It is required that the lines from the top of the listing through the line with "import ezdxf" be reproduced exactly, excluding pictures.

---------- Exercise data ----------

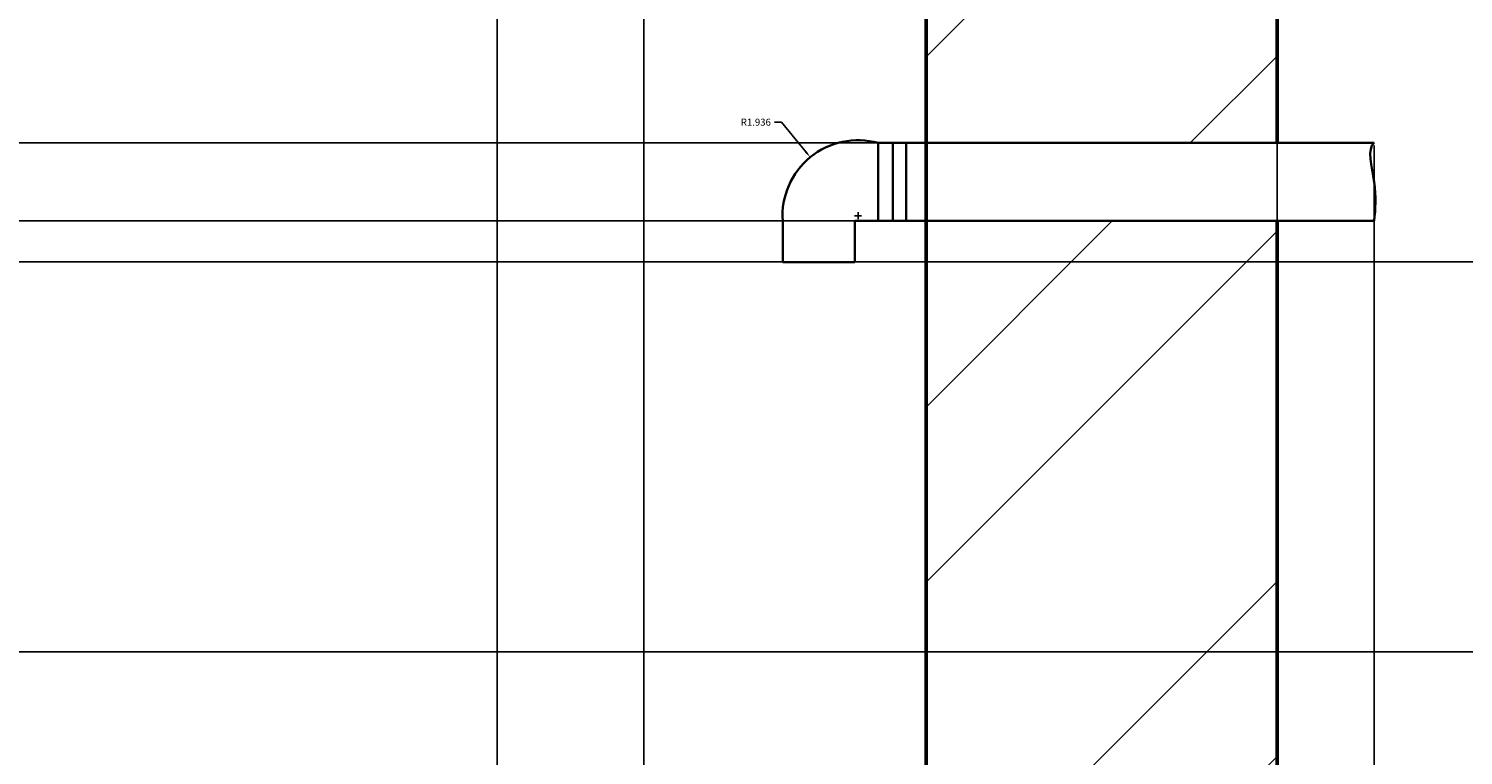
# Model space of a CAD drawing. Units: inches. Extents: x 2812 to 3051, y 1398 to 1659.
# Tile 21 of 65: x 2929 to 2966, y 1435 to 1453. Entities that reach past the tile are written whole.
import ezdxf

# ---------------------------------------------------------------- set-up
doc = ezdxf.new("R2010")
doc.units = ezdxf.units.IN
for name, color, linetype, lineweight in [('A-ANNO-DIMS', 2, 'Continuous', 18), ('P-SANR-PIPE', 4, 'Continuous', 35), ('S-CONC', 7, 'Continuous', 50), ('S-CONC-PATT', 8, 'Continuous', 18)]:
    doc.layers.add(name, color=color, linetype=linetype, lineweight=lineweight)
doc.styles.get("Standard").update_dxf_attribs({"font": 'arial.ttf'})
doc.dimstyles.get("Standard").update_dxf_attribs({"dimtxt": 0.18, "dimasz": 0.18, "dimexe": 0.18, "dimexo": 0.0625, "dimgap": 0.09, "dimtad": 0, "dimtih": 1, "dimtoh": 1, "dimdec": 4, "dimzin": 0, "dimdsep": 46, "dimtxsty": 'Standard', "dimcen": 0.09, "dimadec": 0, "dimazin": 0, "dimtfac": 1, "dimtdec": 4, "dimtofl": 0, "dimtmove": 0, "dimatfit": 3, "dimfxl": 1, "dimtolj": 1, "dimtzin": 0, "dimarcsym": 0})

# ---------------------------------------------------------------- blocks, each defined once
blk = doc.blocks.new('*D30')
at = {"layer": 'A-ANNO-DIMS', "color": 0, "lineweight": -2, "transparency": 16777216}
for p, q in [((2945.147, 1598.692), (2945.147, 1397.505)), ((2952.385, 1559.757), (2952.385, 1397.505)), ((2945.327, 1397.685), (2948.373, 1397.685)), ((2952.205, 1397.685), (2949.159, 1397.685))]:
    blk.add_line(p, q, dxfattribs=at)
at = {"layer": 'A-ANNO-DIMS', "color": 0, "transparency": 16777216}
for points in [[(2945.327, 1397.715), (2945.327, 1397.655), (2945.147, 1397.685)], [(2952.205, 1397.715), (2952.205, 1397.655), (2952.385, 1397.685)]]:
    blk.add_solid(points, dxfattribs=at)
at = {"layer": 'Defpoints', "color": 0, "transparency": 16777216}
for p in [(2945.147, 1598.754), (2952.385, 1559.82), (2952.385, 1397.685)]:
    blk.add_point(p, dxfattribs=at)
at = {"layer": 'A-ANNO-DIMS', "color": 0, "transparency": 16777216, "insert": (2948.766, 1397.685), "char_height": 0.18, "attachment_point": 5}
blk.add_mtext('\\A1;7.238', dxfattribs=at)
blk = doc.blocks.new('*D31')
at = {"layer": 'A-ANNO-DIMS', "color": 0, "lineweight": -2, "transparency": 16777216}
for p, q in [((2972.272, 1594.192), (2972.272, 1397.505)), ((2961.385, 1559.757), (2961.385, 1397.505)), ((2961.565, 1397.685), (2966.373, 1397.685)), ((2972.092, 1397.685), (2967.283, 1397.685))]:
    blk.add_line(p, q, dxfattribs=at)
at = {"layer": 'A-ANNO-DIMS', "color": 0, "transparency": 16777216}
for points in [[(2961.565, 1397.715), (2961.565, 1397.655), (2961.385, 1397.685)], [(2972.092, 1397.715), (2972.092, 1397.655), (2972.272, 1397.685)]]:
    blk.add_solid(points, dxfattribs=at)
at = {"layer": 'Defpoints', "color": 0, "transparency": 16777216}
for p in [(2972.272, 1594.254), (2961.385, 1559.82), (2972.272, 1397.685)]:
    blk.add_point(p, dxfattribs=at)
at = {"layer": 'A-ANNO-DIMS', "color": 0, "transparency": 16777216, "insert": (2966.828, 1397.685), "char_height": 0.18, "attachment_point": 5}
blk.add_mtext('\\A1;10.887', dxfattribs=at)
blk = doc.blocks.new('*D45')
at = {"layer": 'A-ANNO-DIMS', "color": 0, "lineweight": -2, "transparency": 16777216}
for p, q in [((2896.385, 1487.973), (2896.385, 1397.505)), ((2941.385, 1487.973), (2941.385, 1397.505)), ((2896.565, 1397.685), (2918.662, 1397.685)), ((2941.205, 1397.685), (2919.108, 1397.685))]:
    blk.add_line(p, q, dxfattribs=at)
at = {"layer": 'A-ANNO-DIMS', "color": 0, "transparency": 16777216}
for points in [[(2896.565, 1397.715), (2896.565, 1397.655), (2896.385, 1397.685)], [(2941.205, 1397.715), (2941.205, 1397.655), (2941.385, 1397.685)]]:
    blk.add_solid(points, dxfattribs=at)
at = {"layer": 'Defpoints', "color": 0, "transparency": 16777216}
for p in [(2896.385, 1488.035), (2941.385, 1488.035), (2941.385, 1397.685)]:
    blk.add_point(p, dxfattribs=at)
at = {"layer": 'A-ANNO-DIMS', "color": 0, "transparency": 16777216, "insert": (2918.885, 1397.685), "char_height": 0.18, "attachment_point": 5}
blk.add_mtext('\\A1;45', dxfattribs=at)
blk = doc.blocks.new('*D46')
at = {"layer": 'A-ANNO-DIMS', "color": 0, "lineweight": -2, "transparency": 16777216}
for p, q in [((2941.385, 1487.973), (2941.385, 1397.505)), ((2970.385, 1487.973), (2970.385, 1397.505)), ((2941.565, 1397.685), (2955.664, 1397.685)), ((2970.205, 1397.685), (2956.106, 1397.685))]:
    blk.add_line(p, q, dxfattribs=at)
at = {"layer": 'A-ANNO-DIMS', "color": 0, "transparency": 16777216}
for points in [[(2941.565, 1397.715), (2941.565, 1397.655), (2941.385, 1397.685)], [(2970.205, 1397.715), (2970.205, 1397.655), (2970.385, 1397.685)]]:
    blk.add_solid(points, dxfattribs=at)
at = {"layer": 'Defpoints', "color": 0, "transparency": 16777216}
for p in [(2941.385, 1488.035), (2970.385, 1488.035), (2970.385, 1397.685)]:
    blk.add_point(p, dxfattribs=at)
at = {"layer": 'A-ANNO-DIMS', "color": 0, "transparency": 16777216, "insert": (2955.885, 1397.685), "char_height": 0.18, "attachment_point": 5}
blk.add_mtext('\\A1;29', dxfattribs=at)
blk = doc.blocks.new('*D56')
at = {"layer": 'A-ANNO-DIMS', "color": 0, "lineweight": -2, "transparency": 16777216}
for p, q in [((2880.322, 1452.035), (2811.806, 1452.035)), ((2811.986, 1451.855), (2811.986, 1434.217)), ((2811.986, 1416.215), (2811.986, 1433.853)), ((2952.322, 1416.035), (2811.806, 1416.035))]:
    blk.add_line(p, q, dxfattribs=at)
at = {"layer": 'A-ANNO-DIMS', "color": 0, "transparency": 16777216}
for points in [[(2811.956, 1451.855), (2812.016, 1451.855), (2811.986, 1452.035)], [(2811.956, 1416.215), (2812.016, 1416.215), (2811.986, 1416.035)]]:
    blk.add_solid(points, dxfattribs=at)
at = {"layer": 'Defpoints', "color": 0, "transparency": 16777216}
for p in [(2811.986, 1452.035), (2880.385, 1452.035), (2952.385, 1416.035)]:
    blk.add_point(p, dxfattribs=at)
at = {"layer": 'A-ANNO-DIMS', "color": 0, "transparency": 16777216, "insert": (2811.986, 1434.035), "char_height": 0.18, "attachment_point": 5}
blk.add_mtext('\\A1;36', dxfattribs=at)
blk = doc.blocks.new('*D65')
at = {"layer": 'A-ANNO-DIMS', "color": 0, "lineweight": -2, "transparency": 16777216}
for p, q in [((2920.62, 1437.426), (3051.178, 1437.426)), ((3050.998, 1437.246), (3050.998, 1432.608)), ((3050.998, 1427.606), (3050.998, 1432.245)), ((2929.438, 1427.426), (3051.178, 1427.426))]:
    blk.add_line(p, q, dxfattribs=at)
at = {"layer": 'A-ANNO-DIMS', "color": 0, "transparency": 16777216}
for points in [[(3050.968, 1437.246), (3051.028, 1437.246), (3050.998, 1437.426)], [(3050.968, 1427.606), (3051.028, 1427.606), (3050.998, 1427.426)]]:
    blk.add_solid(points, dxfattribs=at)
at = {"layer": 'Defpoints', "color": 0, "transparency": 16777216}
for p in [(2920.558, 1437.426), (3050.998, 1437.426), (2929.375, 1427.426)]:
    blk.add_point(p, dxfattribs=at)
at = {"layer": 'A-ANNO-DIMS', "color": 0, "transparency": 16777216, "insert": (3050.998, 1432.426), "char_height": 0.18, "attachment_point": 5}
blk.add_mtext('\\A1;10', dxfattribs=at)
blk = doc.blocks.new('*D66')
at = {"layer": 'A-ANNO-DIMS', "color": 0, "lineweight": -2, "transparency": 16777216}
for p, q in [((2914.018, 1447.426), (3051.178, 1447.426)), ((3050.998, 1447.246), (3050.998, 1442.608)), ((3050.998, 1437.606), (3050.998, 1442.245)), ((2920.62, 1437.426), (3051.178, 1437.426))]:
    blk.add_line(p, q, dxfattribs=at)
at = {"layer": 'A-ANNO-DIMS', "color": 0, "transparency": 16777216}
for points in [[(3050.968, 1447.246), (3051.028, 1447.246), (3050.998, 1447.426)], [(3050.968, 1437.606), (3051.028, 1437.606), (3050.998, 1437.426)]]:
    blk.add_solid(points, dxfattribs=at)
at = {"layer": 'Defpoints', "color": 0, "transparency": 16777216}
for p in [(2913.955, 1447.426), (3050.998, 1447.426), (2920.558, 1437.426)]:
    blk.add_point(p, dxfattribs=at)
at = {"layer": 'A-ANNO-DIMS', "color": 0, "transparency": 16777216, "insert": (3050.998, 1442.426), "char_height": 0.18, "attachment_point": 5}
blk.add_mtext('\\A1;10', dxfattribs=at)
blk = doc.blocks.new('*D67')
at = {"layer": 'A-ANNO-DIMS', "color": 0, "lineweight": -2, "transparency": 16777216}
for p, q in [((2906.065, 1457.426), (3051.178, 1457.426)), ((3050.998, 1457.246), (3050.998, 1452.608)), ((3050.998, 1447.606), (3050.998, 1452.245)), ((2914.018, 1447.426), (3051.178, 1447.426))]:
    blk.add_line(p, q, dxfattribs=at)
at = {"layer": 'A-ANNO-DIMS', "color": 0, "transparency": 16777216}
for points in [[(3050.968, 1457.246), (3051.028, 1457.246), (3050.998, 1457.426)], [(3050.968, 1447.606), (3051.028, 1447.606), (3050.998, 1447.426)]]:
    blk.add_solid(points, dxfattribs=at)
at = {"layer": 'Defpoints', "color": 0, "transparency": 16777216}
for p in [(2906.002, 1457.426), (3050.998, 1457.426), (2913.955, 1447.426)]:
    blk.add_point(p, dxfattribs=at)
at = {"layer": 'A-ANNO-DIMS', "color": 0, "transparency": 16777216, "insert": (3050.998, 1452.426), "char_height": 0.18, "attachment_point": 5}
blk.add_mtext('\\A1;10', dxfattribs=at)
blk = doc.blocks.new('*D70')
at = {"layer": 'A-ANNO-DIMS', "color": 0, "lineweight": -2, "transparency": 16777216}
for p, q in [((2961.385, 1450.411), (2961.385, 1397.505)), ((2963.874, 1450.411), (2963.874, 1397.505)), ((2961.565, 1397.685), (2962.234, 1397.685)), ((2963.694, 1397.685), (2963.025, 1397.685))]:
    blk.add_line(p, q, dxfattribs=at)
at = {"layer": 'A-ANNO-DIMS', "color": 0, "transparency": 16777216}
for points in [[(2961.565, 1397.715), (2961.565, 1397.655), (2961.385, 1397.685)], [(2963.694, 1397.715), (2963.694, 1397.655), (2963.874, 1397.685)]]:
    blk.add_solid(points, dxfattribs=at)
at = {"layer": 'Defpoints', "color": 0, "transparency": 16777216}
for p in [(2961.385, 1450.474), (2963.874, 1450.474), (2963.874, 1397.685)]:
    blk.add_point(p, dxfattribs=at)
at = {"layer": 'A-ANNO-DIMS', "color": 0, "transparency": 16777216, "insert": (2962.63, 1397.685), "char_height": 0.18, "attachment_point": 5}
blk.add_mtext('\\A1;2.489', dxfattribs=at)
blk = doc.blocks.new('*D75')
at = {"layer": 'A-ANNO-DIMS', "color": 0, "lineweight": -2, "transparency": 16777216}
for p, q in [((2963.812, 1448.474), (2811.806, 1448.474)), ((2811.986, 1448.294), (2811.986, 1432.437)), ((2811.986, 1416.215), (2811.986, 1432.073)), ((2961.322, 1416.035), (2811.806, 1416.035))]:
    blk.add_line(p, q, dxfattribs=at)
at = {"layer": 'A-ANNO-DIMS', "color": 0, "transparency": 16777216}
for points in [[(2811.956, 1448.294), (2812.016, 1448.294), (2811.986, 1448.474)], [(2811.956, 1416.215), (2812.016, 1416.215), (2811.986, 1416.035)]]:
    blk.add_solid(points, dxfattribs=at)
at = {"layer": 'Defpoints', "color": 0, "transparency": 16777216}
for p in [(2811.986, 1448.474), (2963.874, 1448.474), (2961.385, 1416.035)]:
    blk.add_point(p, dxfattribs=at)
at = {"layer": 'A-ANNO-DIMS', "color": 0, "transparency": 16777216, "insert": (2811.986, 1432.255), "char_height": 0.18, "attachment_point": 5}
blk.add_mtext('\\A1;32.44', dxfattribs=at)
blk = doc.blocks.new('*D76')
at = {"layer": 'A-ANNO-DIMS', "color": 0, "lineweight": -2, "transparency": 16777216}
for p, q in [((2963.812, 1450.474), (2811.806, 1450.474)), ((2811.986, 1450.294), (2811.986, 1449.654)), ((2811.986, 1448.654), (2811.986, 1449.293)), ((2963.812, 1448.474), (2811.806, 1448.474))]:
    blk.add_line(p, q, dxfattribs=at)
at = {"layer": 'A-ANNO-DIMS', "color": 0, "transparency": 16777216}
for points in [[(2811.956, 1450.294), (2812.016, 1450.294), (2811.986, 1450.474)], [(2811.956, 1448.654), (2812.016, 1448.654), (2811.986, 1448.474)]]:
    blk.add_solid(points, dxfattribs=at)
at = {"layer": 'Defpoints', "color": 0, "transparency": 16777216}
for p in [(2811.986, 1450.474), (2963.874, 1450.474), (2963.874, 1448.474)]:
    blk.add_point(p, dxfattribs=at)
at = {"layer": 'A-ANNO-DIMS', "color": 0, "transparency": 16777216, "insert": (2811.986, 1449.474), "char_height": 0.18, "attachment_point": 5}
blk.add_mtext('\\A1;2', dxfattribs=at)
blk = doc.blocks.new('*D77')
at = {"layer": 'A-ANNO-DIMS', "color": 0, "lineweight": -2, "transparency": 16777216}
for p, q in [((2961.322, 1472.035), (2811.806, 1472.035)), ((2811.986, 1471.855), (2811.986, 1461.436)), ((2811.986, 1450.654), (2811.986, 1461.073)), ((2963.812, 1450.474), (2811.806, 1450.474))]:
    blk.add_line(p, q, dxfattribs=at)
at = {"layer": 'A-ANNO-DIMS', "color": 0, "transparency": 16777216}
for points in [[(2811.956, 1471.855), (2812.016, 1471.855), (2811.986, 1472.035)], [(2811.956, 1450.654), (2812.016, 1450.654), (2811.986, 1450.474)]]:
    blk.add_solid(points, dxfattribs=at)
at = {"layer": 'Defpoints', "color": 0, "transparency": 16777216}
for p in [(2811.986, 1472.035), (2961.385, 1472.035), (2963.874, 1450.474)]:
    blk.add_point(p, dxfattribs=at)
at = {"layer": 'A-ANNO-DIMS', "color": 0, "transparency": 16777216, "insert": (2811.986, 1461.255), "char_height": 0.18, "attachment_point": 5}
blk.add_mtext('\\A1;21.56', dxfattribs=at)
blk = doc.blocks.new('*D86')
at = {"layer": 'A-ANNO-DIMS', "color": 0, "lineweight": -2, "transparency": 16777216}
for p, q in [((2948.498, 1451.006), (2948.678, 1451.006)), ((2948.678, 1451.006), (2949.3, 1450.246)), ((2950.549, 1448.607), (2950.729, 1448.607)), ((2950.639, 1448.517), (2950.639, 1448.697))]:
    blk.add_line(p, q, dxfattribs=at)
at = {"layer": 'A-ANNO-DIMS', "color": 0, "transparency": 16777216}
blk.add_solid([(2949.323, 1450.265), (2949.277, 1450.227), (2949.414, 1450.106)], dxfattribs=at)
at = {"layer": 'Defpoints', "color": 0, "transparency": 16777216}
for p in [(2949.414, 1450.106), (2950.639, 1448.607)]:
    blk.add_point(p, dxfattribs=at)
at = {"layer": 'A-ANNO-DIMS', "color": 0, "transparency": 16777216, "insert": (2948.019, 1451.006), "char_height": 0.18, "attachment_point": 5}
blk.add_mtext('\\A1;R1.936', dxfattribs=at)

msp = doc.modelspace()

# ---------------------------------------------------------------- hatches: boundary and pattern name
at = {"layer": 'S-CONC-PATT'}
h = msp.add_hatch(dxfattribs=at)
h.set_pattern_fill('ANSI32', color=256)
h.paths.add_polyline_path([(3027.3849, 1646.82), (2835.3849, 1646.82), (2835.3849, 1603.2296), (2844.3849, 1603.2296), (2844.3849, 1637.82), (3018.3849, 1637.82), (3018.3849, 1602.5441), (3027.3849, 1602.5441)])
h.paths.add_polyline_path([(2844.3849, 1594.2296), (2835.3849, 1594.2296), (2835.3849, 1550.82), (3027.3849, 1550.82), (3027.3849, 1593.5441), (3018.3849, 1593.5441), (3018.3849, 1559.82), (2844.3849, 1559.82)])
h.paths.add_polyline_path([(2844.3849, 1482.0354), (2835.3849, 1482.0354), (2835.3849, 1463.4959), (2844.3849, 1463.4959)])
h.paths.add_polyline_path([(2844.3849, 1461.4959), (2835.3849, 1461.4959), (2835.3849, 1416.0354), (2844.3849, 1416.0354)])
h.paths.add_polyline_path([(3027.3849, 1482.0354), (3018.3849, 1482.0354), (3018.3849, 1463.2854), (3027.3849, 1463.2854)])
h.paths.add_polyline_path([(3027.3849, 1461.2854), (3018.3849, 1461.2854), (3018.3849, 1416.0354), (3027.3849, 1416.0354)])
h.paths.add_polyline_path([(2961.3849, 1448.4738), (2952.3849, 1448.4738), (2952.3849, 1416.0354), (2961.3849, 1416.0354)])
h.paths.add_polyline_path([(2961.3849, 1462.3026), (2952.3849, 1462.3026), (2952.3849, 1450.4738), (2961.3849, 1450.4738)])
h.paths.add_polyline_path([(2961.3849, 1472.0354), (2952.3849, 1472.0354), (2952.3849, 1462.3026), (2961.3849, 1462.3026)])

# ---------------------------------------------------------------- linework, layer by layer
at = {"layer": 'P-SANR-PIPE'}
for p, q in [((2951.8741, 1450.4738), (2951.1541, 1450.4738)), ((2951.1541, 1448.4738), (2951.1541, 1450.4738)), ((2951.5327, 1450.4738), (2951.5327, 1448.4738)), ((2951.8741, 1448.4738), (2951.8741, 1450.4738)), ((2951.8741, 1450.4738), (2963.8741, 1450.4738)), ((2951.8741, 1450.4738), (2952.3741, 1450.4738)), ((2952.3741, 1450.4738), (2952.3741, 1448.4738)), ((2948.7077, 1447.4185), (2948.7077, 1448.4738)), ((2951.1541, 1448.4738), (2950.5541, 1448.4738)), ((2950.5541, 1448.4738), (2950.5541, 1447.4185)), ((2951.5327, 1448.4738), (2951.1541, 1448.4738)), ((2963.8741, 1448.4738), (2951.5327, 1448.4738)), ((2950.5541, 1447.4185), (2948.7077, 1447.4185))]:
    msp.add_line(p, q, dxfattribs=at)
msp.add_arc((2950.6391, 1448.6074), 1.9361, 74.57374, 183.95951, dxfattribs=at)
msp.add_open_spline([(2963.8741, 1448.4738), (2963.9023, 1448.7789), (2963.9585, 1449.3893), (2963.6771, 1450.3374), (2963.8741, 1450.4738)], degree=3, dxfattribs=at)
at = {"layer": 'S-CONC'}
for p, q in [((2952.3849, 1472.0354), (2952.3849, 1416.0354)), ((2961.3849, 1472.0354), (2961.3849, 1450.4738)), ((2961.3849, 1448.4738), (2961.3849, 1416.0354))]:
    msp.add_line(p, q, dxfattribs=at)

# ---------------------------------------------------------------- dimensions: what is measured, and where the dimension line sits
at = {"layer": 'A-ANNO-DIMS'}
for base, p1, p2, override, picture, middle in [((2952.3849, 1397.6854), (2945.1467, 1598.7541), (2952.3849, 1559.82), {"dimdec": 3, "dimlfac": 1, "dimrnd": 0, "dimzin": 0, "dimdsep": 46, "dimlunit": 2}, '*D30', (2948.7658, 1397.6854)), ((2972.2716, 1397.6854), (2961.3849, 1559.82), (2972.2716, 1594.2541), {"dimdec": 3, "dimlfac": 1, "dimrnd": 0, "dimzin": 0, "dimdsep": 46, "dimlunit": 2}, '*D31', (2966.8282, 1397.6854)), ((2941.3849, 1397.6854), (2896.3849, 1488.0354), (2941.3849, 1488.0354), {"dimdec": 0, "dimlfac": 1, "dimrnd": 0, "dimzin": 0, "dimdsep": 46, "dimlunit": 2}, '*D45', (2918.8849, 1397.6854)), ((2970.3849, 1397.6854), (2941.3849, 1488.0354), (2970.3849, 1488.0354), {"dimdec": 0, "dimlfac": 1, "dimrnd": 0, "dimzin": 0, "dimdsep": 46, "dimlunit": 2}, '*D46', (2955.8849, 1397.6854)), ((2963.8741, 1397.6854), (2961.3849, 1450.4738), (2963.8741, 1450.4738), {"dimdec": 3, "dimlfac": 1, "dimrnd": 0, "dimzin": 0, "dimdsep": 46, "dimlunit": 2}, '*D70', (2962.6295, 1397.6854))]:
    dim = msp.add_linear_dim(base=base, p1=p1, p2=p2, dimstyle='Standard', override=override, dxfattribs=at)
    dim.commit()
    dim.dimension.update_dxf_attribs({"geometry": picture, "text_midpoint": middle})
for base, p1, p2, override, picture, middle in [((2811.9855, 1472.0354), (2963.8741, 1450.4738), (2961.3849, 1472.0354), {"dimdec": 2, "dimlfac": 1, "dimrnd": 0, "dimzin": 0, "dimdsep": 46, "dimlunit": 2}, '*D77', (2811.9855, 1461.2546)), ((3050.998, 1457.4265), (2913.9551, 1447.4265), (2906.0021, 1457.4265), {"dimdec": 0, "dimlfac": 1, "dimrnd": 0, "dimzin": 0, "dimdsep": 46, "dimlunit": 2}, '*D67', (3050.998, 1452.4265)), ((2811.9855, 1452.0354), (2952.3849, 1416.0354), (2880.3849, 1452.0354), {"dimdec": 0, "dimlfac": 1, "dimrnd": 0, "dimzin": 0, "dimdsep": 46, "dimlunit": 2}, '*D56', (2811.9855, 1434.0354)), ((2811.9855, 1450.4738), (2963.8741, 1448.4738), (2963.8741, 1450.4738), {"dimdec": 0, "dimlfac": 1, "dimrnd": 0, "dimzin": 0, "dimdsep": 46, "dimlunit": 2}, '*D76', (2811.9855, 1449.4738)), ((2811.9855, 1448.4738), (2961.3849, 1416.0354), (2963.8741, 1448.4738), {"dimdec": 2, "dimlfac": 1, "dimrnd": 0, "dimzin": 0, "dimdsep": 46, "dimlunit": 2}, '*D75', (2811.9855, 1432.2546)), ((3050.998, 1447.4265), (2920.5577, 1437.4265), (2913.9551, 1447.4265), {"dimdec": 0, "dimlfac": 1, "dimrnd": 0, "dimzin": 0, "dimdsep": 46, "dimlunit": 2}, '*D66', (3050.998, 1442.4265)), ((3050.998, 1437.4265), (2929.3751, 1427.4265), (2920.5577, 1437.4265), {"dimdec": 0, "dimlfac": 1, "dimrnd": 0, "dimzin": 0, "dimdsep": 46, "dimlunit": 2}, '*D65', (3050.998, 1432.4265))]:
    dim = msp.add_linear_dim(base=base, p1=p1, p2=p2, angle=90, dimstyle='Standard', override=override, dxfattribs=at)
    dim.commit()
    dim.dimension.update_dxf_attribs({"geometry": picture, "text_midpoint": middle})
dim = msp.add_radius_dim(center=(2950.6391, 1448.6074), mpoint=(2949.4137, 1450.1063), dimstyle='Standard', override={"dimdec": 3, "dimlfac": 1, "dimrnd": 0, "dimzin": 0, "dimdsep": 46, "dimlunit": 2}, dxfattribs=at)
dim.commit()
dim.dimension.update_dxf_attribs({"geometry": '*D86', "text_midpoint": (2948.0187, 1451.0057), "dimtype": 164})

doc.saveas('drawing.dxf')

----------

### Solution
# Model space of a CAD drawing. Units: inches. Extents: x 2812 to 3051, y 1398 to 1659.
# Tile 21 of 65: x 2929 to 2966, y 1435 to 1453. Entities that reach past the tile are written whole.
import ezdxf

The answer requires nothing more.